- TASK -
List all the lines in these records that hold "CompositionType".

(Dataset excerpts)
══════════════════════════════

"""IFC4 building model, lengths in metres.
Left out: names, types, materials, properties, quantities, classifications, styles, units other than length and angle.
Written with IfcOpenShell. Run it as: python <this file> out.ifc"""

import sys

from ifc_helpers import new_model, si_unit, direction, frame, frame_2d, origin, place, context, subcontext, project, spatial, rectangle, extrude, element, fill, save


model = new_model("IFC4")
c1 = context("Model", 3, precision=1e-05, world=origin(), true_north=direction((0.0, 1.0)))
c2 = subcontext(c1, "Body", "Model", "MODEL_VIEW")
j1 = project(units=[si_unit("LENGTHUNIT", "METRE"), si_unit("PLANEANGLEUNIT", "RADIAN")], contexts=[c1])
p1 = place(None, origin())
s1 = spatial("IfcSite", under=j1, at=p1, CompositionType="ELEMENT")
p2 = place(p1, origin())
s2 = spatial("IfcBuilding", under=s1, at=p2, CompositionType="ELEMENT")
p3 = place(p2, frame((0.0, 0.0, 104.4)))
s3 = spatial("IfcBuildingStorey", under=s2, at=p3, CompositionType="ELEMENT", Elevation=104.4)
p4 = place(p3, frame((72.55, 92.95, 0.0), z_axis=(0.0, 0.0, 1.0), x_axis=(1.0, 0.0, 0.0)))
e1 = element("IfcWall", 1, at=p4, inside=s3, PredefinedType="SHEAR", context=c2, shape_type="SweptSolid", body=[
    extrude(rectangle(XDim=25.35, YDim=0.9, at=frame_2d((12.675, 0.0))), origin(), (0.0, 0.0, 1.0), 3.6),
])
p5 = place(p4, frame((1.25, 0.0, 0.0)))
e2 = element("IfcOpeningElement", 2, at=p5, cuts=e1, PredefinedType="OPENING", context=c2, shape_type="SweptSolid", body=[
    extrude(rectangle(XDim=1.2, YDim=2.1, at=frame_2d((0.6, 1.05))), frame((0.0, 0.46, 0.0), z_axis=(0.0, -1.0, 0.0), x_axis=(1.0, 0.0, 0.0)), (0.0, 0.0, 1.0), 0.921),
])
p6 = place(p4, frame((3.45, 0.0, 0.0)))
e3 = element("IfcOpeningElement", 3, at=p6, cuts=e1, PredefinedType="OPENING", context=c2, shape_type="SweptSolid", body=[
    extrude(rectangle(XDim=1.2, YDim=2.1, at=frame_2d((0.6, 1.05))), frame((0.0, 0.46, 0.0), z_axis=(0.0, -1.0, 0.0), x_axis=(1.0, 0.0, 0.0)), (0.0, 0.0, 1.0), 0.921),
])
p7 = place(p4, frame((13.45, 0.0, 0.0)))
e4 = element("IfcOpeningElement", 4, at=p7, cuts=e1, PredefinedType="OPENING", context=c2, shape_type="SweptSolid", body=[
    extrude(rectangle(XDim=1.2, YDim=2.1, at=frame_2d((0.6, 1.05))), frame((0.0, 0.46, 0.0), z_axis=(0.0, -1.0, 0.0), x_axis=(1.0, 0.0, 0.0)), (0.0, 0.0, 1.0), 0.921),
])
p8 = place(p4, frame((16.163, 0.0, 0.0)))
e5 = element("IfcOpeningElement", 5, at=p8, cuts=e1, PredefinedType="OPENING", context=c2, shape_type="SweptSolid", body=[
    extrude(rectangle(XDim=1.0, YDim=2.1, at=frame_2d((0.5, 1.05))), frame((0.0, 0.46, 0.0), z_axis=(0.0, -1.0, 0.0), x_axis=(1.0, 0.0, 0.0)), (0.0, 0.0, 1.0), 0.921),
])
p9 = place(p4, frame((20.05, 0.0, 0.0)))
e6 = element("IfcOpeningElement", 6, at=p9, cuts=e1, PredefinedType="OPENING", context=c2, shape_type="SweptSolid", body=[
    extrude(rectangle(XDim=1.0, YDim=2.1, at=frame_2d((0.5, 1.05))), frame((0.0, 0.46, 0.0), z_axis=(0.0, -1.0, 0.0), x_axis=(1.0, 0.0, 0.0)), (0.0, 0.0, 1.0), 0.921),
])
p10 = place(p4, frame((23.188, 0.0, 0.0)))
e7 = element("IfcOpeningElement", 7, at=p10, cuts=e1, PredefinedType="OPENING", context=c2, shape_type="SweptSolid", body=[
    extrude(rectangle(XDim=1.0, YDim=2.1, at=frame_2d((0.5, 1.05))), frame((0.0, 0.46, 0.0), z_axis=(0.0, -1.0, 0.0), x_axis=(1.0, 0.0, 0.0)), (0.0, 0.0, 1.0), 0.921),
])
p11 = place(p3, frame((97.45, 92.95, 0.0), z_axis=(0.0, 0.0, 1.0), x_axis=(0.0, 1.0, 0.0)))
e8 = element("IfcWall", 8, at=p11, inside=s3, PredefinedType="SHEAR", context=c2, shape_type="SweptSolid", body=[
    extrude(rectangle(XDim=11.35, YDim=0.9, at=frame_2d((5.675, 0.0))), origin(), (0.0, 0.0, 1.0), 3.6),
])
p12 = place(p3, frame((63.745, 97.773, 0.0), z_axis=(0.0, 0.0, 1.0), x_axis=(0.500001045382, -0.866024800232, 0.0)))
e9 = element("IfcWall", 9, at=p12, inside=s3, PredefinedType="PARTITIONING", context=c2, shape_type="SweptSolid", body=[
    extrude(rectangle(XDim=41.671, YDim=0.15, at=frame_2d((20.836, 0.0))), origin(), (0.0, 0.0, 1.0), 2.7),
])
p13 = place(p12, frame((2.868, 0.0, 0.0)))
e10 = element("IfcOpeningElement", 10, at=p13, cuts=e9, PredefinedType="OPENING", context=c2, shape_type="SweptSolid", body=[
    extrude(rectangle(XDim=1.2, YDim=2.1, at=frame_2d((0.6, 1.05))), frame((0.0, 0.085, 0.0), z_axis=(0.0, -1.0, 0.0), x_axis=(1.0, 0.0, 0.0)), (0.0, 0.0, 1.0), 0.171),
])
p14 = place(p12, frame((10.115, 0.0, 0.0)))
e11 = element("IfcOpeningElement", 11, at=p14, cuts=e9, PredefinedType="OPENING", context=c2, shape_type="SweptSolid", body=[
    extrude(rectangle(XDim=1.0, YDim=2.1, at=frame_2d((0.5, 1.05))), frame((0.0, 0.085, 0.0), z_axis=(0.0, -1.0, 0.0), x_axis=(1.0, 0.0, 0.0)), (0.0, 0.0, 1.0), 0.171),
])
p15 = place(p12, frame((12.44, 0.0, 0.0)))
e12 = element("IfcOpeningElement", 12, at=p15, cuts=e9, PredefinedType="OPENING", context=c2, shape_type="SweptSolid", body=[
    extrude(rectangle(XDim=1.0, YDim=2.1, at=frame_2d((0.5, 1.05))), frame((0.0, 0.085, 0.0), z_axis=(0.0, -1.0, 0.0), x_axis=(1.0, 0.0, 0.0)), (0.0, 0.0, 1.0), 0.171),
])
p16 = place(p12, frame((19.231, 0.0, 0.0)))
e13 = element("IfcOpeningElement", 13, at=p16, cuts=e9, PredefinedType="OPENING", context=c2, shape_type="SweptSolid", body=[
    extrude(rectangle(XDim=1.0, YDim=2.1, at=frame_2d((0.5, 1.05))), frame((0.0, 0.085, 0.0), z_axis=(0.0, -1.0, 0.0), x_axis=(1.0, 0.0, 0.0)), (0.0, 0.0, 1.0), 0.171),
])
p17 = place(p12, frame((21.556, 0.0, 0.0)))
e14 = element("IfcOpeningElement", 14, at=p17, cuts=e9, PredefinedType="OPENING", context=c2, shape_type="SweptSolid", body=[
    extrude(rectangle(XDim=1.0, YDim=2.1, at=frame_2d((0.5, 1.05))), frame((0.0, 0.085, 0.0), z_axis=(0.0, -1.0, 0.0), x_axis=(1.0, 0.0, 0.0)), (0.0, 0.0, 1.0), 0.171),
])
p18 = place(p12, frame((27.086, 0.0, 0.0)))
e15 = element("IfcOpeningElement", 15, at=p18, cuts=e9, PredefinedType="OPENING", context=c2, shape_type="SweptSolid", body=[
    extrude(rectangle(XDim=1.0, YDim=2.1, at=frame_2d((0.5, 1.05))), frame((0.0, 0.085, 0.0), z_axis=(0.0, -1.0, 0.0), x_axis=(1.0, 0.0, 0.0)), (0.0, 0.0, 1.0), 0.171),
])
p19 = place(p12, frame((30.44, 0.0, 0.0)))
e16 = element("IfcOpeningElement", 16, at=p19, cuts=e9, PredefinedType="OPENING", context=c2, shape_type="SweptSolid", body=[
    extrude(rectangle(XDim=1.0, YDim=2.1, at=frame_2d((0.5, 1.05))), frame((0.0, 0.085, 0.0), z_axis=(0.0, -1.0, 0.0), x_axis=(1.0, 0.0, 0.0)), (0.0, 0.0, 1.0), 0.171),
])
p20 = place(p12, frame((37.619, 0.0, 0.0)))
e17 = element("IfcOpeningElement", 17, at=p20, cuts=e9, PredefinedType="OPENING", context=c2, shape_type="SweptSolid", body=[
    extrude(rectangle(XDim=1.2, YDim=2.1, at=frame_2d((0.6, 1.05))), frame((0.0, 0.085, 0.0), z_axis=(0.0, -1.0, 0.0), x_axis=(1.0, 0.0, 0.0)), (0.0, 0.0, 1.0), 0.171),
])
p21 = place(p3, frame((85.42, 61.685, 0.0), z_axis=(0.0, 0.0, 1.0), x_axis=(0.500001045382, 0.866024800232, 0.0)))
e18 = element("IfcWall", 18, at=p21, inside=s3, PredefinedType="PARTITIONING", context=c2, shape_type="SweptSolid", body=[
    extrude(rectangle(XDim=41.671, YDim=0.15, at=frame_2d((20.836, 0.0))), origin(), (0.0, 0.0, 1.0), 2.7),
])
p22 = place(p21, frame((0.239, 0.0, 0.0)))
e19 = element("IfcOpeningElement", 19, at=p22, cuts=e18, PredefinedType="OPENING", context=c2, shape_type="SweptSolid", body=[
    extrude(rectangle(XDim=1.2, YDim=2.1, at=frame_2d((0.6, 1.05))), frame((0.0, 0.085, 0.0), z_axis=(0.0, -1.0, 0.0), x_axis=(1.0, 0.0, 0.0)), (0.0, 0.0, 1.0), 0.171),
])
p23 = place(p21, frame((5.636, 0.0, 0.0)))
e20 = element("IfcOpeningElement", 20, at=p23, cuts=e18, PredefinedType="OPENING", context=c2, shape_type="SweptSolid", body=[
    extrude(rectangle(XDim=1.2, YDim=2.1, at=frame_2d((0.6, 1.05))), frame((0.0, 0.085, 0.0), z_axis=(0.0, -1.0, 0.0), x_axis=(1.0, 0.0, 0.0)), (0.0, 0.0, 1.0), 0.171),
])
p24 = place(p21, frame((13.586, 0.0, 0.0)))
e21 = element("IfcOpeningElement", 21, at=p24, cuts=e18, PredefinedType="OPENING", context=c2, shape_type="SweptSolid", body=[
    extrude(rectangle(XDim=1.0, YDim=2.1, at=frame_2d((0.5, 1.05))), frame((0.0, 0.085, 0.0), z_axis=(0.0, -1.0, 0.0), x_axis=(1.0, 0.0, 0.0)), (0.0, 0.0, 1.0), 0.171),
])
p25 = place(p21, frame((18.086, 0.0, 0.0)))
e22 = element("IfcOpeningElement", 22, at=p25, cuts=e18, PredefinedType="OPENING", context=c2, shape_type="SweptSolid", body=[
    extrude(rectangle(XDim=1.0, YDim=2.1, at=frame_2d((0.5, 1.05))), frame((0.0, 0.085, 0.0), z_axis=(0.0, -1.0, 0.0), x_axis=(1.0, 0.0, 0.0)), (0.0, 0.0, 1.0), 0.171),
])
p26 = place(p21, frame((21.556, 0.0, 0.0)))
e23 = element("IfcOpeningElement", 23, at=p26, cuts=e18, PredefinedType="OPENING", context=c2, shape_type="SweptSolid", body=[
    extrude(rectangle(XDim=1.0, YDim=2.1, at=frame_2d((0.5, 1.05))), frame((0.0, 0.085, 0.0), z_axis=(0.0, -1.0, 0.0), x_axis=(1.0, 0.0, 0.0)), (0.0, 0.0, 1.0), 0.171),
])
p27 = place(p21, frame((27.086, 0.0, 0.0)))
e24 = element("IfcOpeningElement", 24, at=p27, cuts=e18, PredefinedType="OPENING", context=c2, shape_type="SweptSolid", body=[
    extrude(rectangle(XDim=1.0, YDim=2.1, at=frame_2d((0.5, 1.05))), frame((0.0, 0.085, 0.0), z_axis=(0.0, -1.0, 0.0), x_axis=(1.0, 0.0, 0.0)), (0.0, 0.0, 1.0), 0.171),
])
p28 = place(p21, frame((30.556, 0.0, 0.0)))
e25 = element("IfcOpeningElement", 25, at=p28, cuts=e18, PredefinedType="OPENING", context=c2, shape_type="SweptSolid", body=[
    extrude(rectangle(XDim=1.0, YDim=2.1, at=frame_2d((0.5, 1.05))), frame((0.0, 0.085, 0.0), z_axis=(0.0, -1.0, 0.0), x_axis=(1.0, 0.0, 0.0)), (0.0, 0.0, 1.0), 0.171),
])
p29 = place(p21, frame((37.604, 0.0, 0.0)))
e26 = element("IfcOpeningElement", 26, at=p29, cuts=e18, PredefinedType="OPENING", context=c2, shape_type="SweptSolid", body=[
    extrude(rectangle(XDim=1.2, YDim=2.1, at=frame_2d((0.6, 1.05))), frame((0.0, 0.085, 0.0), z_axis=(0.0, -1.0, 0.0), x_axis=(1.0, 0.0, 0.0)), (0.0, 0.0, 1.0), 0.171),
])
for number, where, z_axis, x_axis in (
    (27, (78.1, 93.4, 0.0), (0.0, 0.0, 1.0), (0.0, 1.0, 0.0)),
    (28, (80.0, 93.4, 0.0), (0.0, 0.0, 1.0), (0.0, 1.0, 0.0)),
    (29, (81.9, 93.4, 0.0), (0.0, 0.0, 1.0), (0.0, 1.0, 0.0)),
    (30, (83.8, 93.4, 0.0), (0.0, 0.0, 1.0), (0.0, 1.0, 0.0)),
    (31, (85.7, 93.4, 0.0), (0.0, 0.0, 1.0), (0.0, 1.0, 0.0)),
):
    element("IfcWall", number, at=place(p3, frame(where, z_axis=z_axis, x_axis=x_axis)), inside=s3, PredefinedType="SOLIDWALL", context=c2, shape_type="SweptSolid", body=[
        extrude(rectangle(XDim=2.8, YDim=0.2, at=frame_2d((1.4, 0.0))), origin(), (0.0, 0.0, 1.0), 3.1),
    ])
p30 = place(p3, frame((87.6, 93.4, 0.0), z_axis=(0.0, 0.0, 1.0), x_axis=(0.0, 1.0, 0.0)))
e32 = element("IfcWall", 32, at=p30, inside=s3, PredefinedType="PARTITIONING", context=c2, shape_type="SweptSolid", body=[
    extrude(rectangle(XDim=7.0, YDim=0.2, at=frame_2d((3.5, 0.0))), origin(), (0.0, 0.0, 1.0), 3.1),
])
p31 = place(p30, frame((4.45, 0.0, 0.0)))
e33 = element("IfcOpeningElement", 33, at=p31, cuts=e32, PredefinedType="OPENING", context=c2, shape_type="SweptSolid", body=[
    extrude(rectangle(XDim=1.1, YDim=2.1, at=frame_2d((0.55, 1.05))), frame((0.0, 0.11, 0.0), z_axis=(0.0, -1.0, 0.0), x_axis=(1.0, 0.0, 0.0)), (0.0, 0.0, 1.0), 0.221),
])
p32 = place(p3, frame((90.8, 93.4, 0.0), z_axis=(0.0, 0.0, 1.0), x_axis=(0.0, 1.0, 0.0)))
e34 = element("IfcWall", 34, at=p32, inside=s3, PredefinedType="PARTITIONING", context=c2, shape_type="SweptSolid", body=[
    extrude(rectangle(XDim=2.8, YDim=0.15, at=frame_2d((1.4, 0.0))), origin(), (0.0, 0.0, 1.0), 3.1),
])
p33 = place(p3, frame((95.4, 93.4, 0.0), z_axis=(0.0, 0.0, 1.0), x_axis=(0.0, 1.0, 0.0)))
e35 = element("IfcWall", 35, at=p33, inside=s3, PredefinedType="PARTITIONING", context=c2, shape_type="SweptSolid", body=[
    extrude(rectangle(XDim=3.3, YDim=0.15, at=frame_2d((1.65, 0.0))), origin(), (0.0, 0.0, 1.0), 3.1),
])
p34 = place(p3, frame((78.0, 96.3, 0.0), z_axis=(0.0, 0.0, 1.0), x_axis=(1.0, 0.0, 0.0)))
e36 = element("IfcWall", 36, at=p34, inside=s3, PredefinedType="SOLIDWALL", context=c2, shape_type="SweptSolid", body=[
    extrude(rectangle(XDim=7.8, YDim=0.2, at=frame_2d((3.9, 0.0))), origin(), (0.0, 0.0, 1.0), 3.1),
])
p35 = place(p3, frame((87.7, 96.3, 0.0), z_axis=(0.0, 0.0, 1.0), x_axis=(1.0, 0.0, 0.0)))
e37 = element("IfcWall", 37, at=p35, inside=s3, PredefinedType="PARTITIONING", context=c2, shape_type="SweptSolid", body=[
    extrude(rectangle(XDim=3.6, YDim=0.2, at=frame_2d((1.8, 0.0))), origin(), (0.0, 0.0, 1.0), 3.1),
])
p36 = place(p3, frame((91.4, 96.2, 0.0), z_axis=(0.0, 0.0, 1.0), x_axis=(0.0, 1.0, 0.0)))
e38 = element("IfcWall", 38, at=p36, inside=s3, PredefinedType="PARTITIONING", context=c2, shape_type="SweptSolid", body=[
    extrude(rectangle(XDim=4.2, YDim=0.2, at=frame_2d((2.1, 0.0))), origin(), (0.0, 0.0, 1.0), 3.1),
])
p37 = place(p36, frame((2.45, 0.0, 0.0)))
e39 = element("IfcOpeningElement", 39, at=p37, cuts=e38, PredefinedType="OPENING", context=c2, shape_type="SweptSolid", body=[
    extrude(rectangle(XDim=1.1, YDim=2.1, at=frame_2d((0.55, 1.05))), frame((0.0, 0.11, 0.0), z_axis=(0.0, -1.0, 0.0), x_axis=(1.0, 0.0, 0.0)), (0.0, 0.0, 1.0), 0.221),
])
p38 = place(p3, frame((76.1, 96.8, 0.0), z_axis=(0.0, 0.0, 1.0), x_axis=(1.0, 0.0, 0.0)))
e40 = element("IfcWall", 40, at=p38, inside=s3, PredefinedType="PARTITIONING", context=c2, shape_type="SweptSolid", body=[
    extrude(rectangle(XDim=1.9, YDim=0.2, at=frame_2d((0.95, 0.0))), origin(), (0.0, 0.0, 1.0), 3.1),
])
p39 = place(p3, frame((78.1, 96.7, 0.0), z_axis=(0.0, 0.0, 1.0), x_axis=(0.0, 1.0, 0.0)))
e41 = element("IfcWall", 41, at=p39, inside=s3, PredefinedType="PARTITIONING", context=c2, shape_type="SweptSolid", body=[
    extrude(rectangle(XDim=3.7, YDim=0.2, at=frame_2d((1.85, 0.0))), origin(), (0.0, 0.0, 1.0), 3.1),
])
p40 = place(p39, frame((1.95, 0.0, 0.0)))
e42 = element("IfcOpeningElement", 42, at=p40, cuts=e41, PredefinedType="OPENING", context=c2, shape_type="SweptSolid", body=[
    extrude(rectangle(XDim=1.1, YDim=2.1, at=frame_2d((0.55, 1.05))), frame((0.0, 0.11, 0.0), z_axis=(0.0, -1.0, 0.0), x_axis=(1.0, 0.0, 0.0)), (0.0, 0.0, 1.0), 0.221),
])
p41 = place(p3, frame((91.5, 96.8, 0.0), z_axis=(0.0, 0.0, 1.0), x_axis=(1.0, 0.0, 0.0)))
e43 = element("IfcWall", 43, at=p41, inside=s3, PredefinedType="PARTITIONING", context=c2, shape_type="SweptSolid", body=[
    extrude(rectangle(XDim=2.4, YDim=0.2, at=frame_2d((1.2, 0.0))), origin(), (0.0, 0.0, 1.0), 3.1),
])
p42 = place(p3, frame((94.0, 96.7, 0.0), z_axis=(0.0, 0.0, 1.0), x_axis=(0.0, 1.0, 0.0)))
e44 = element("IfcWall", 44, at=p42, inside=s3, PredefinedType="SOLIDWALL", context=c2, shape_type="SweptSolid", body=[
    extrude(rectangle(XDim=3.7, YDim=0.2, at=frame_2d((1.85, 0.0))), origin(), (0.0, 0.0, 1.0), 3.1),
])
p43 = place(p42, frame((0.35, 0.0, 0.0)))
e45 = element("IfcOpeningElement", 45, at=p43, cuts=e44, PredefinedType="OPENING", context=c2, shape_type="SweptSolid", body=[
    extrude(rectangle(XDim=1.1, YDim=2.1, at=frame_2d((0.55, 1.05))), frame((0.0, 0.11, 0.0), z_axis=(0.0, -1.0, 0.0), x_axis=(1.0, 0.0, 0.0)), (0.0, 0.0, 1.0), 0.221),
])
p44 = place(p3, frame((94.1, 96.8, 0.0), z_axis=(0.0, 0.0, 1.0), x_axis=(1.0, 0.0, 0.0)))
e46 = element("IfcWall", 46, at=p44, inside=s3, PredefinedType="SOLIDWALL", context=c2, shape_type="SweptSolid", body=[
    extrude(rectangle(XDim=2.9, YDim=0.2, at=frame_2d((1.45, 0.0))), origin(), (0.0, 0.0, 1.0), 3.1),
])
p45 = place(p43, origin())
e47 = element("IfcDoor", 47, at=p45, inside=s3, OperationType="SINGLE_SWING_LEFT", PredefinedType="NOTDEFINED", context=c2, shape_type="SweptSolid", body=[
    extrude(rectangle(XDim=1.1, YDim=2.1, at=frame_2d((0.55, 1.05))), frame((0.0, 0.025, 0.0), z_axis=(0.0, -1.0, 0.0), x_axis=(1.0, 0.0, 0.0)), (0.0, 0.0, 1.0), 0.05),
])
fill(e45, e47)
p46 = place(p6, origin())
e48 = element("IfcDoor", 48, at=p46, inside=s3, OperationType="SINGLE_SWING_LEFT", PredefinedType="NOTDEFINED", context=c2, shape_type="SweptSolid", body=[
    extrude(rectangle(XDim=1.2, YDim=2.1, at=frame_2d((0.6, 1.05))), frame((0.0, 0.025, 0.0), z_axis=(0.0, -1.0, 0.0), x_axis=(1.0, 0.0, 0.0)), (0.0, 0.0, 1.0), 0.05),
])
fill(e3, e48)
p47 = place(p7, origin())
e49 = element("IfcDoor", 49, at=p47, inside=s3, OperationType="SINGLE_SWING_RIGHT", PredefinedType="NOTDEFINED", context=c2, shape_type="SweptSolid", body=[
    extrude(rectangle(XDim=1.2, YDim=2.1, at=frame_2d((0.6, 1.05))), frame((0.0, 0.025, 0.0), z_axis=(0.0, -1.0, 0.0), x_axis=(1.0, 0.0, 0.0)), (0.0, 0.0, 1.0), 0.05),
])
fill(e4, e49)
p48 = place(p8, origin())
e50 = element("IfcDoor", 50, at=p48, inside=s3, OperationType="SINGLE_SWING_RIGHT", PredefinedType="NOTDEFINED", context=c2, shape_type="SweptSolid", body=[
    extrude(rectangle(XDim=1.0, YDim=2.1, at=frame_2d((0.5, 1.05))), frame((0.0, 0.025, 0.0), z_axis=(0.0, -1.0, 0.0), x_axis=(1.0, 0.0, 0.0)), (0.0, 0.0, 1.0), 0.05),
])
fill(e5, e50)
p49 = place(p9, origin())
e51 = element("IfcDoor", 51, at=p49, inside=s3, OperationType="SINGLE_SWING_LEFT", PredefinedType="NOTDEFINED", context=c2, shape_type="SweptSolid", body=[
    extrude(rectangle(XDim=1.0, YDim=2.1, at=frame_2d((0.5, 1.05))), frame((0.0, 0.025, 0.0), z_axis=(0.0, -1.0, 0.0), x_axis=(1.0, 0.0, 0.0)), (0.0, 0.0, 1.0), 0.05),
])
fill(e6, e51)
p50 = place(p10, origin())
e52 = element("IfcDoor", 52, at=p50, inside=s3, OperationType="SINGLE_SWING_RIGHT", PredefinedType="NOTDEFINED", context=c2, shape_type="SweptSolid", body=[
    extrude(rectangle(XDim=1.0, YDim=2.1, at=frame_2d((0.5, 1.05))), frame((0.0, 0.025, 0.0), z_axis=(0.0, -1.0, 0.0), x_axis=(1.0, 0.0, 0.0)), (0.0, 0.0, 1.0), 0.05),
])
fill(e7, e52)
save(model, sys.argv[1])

══════════════════════════════

- FINAL ANSWER -
s1 = spatial("IfcSite", under=j1, at=p1, CompositionType="ELEMENT")
s2 = spatial("IfcBuilding", under=s1, at=p2, CompositionType="ELEMENT")
s3 = spatial("IfcBuildingStorey", under=s2, at=p3, CompositionType="ELEMENT", Elevation=104.4)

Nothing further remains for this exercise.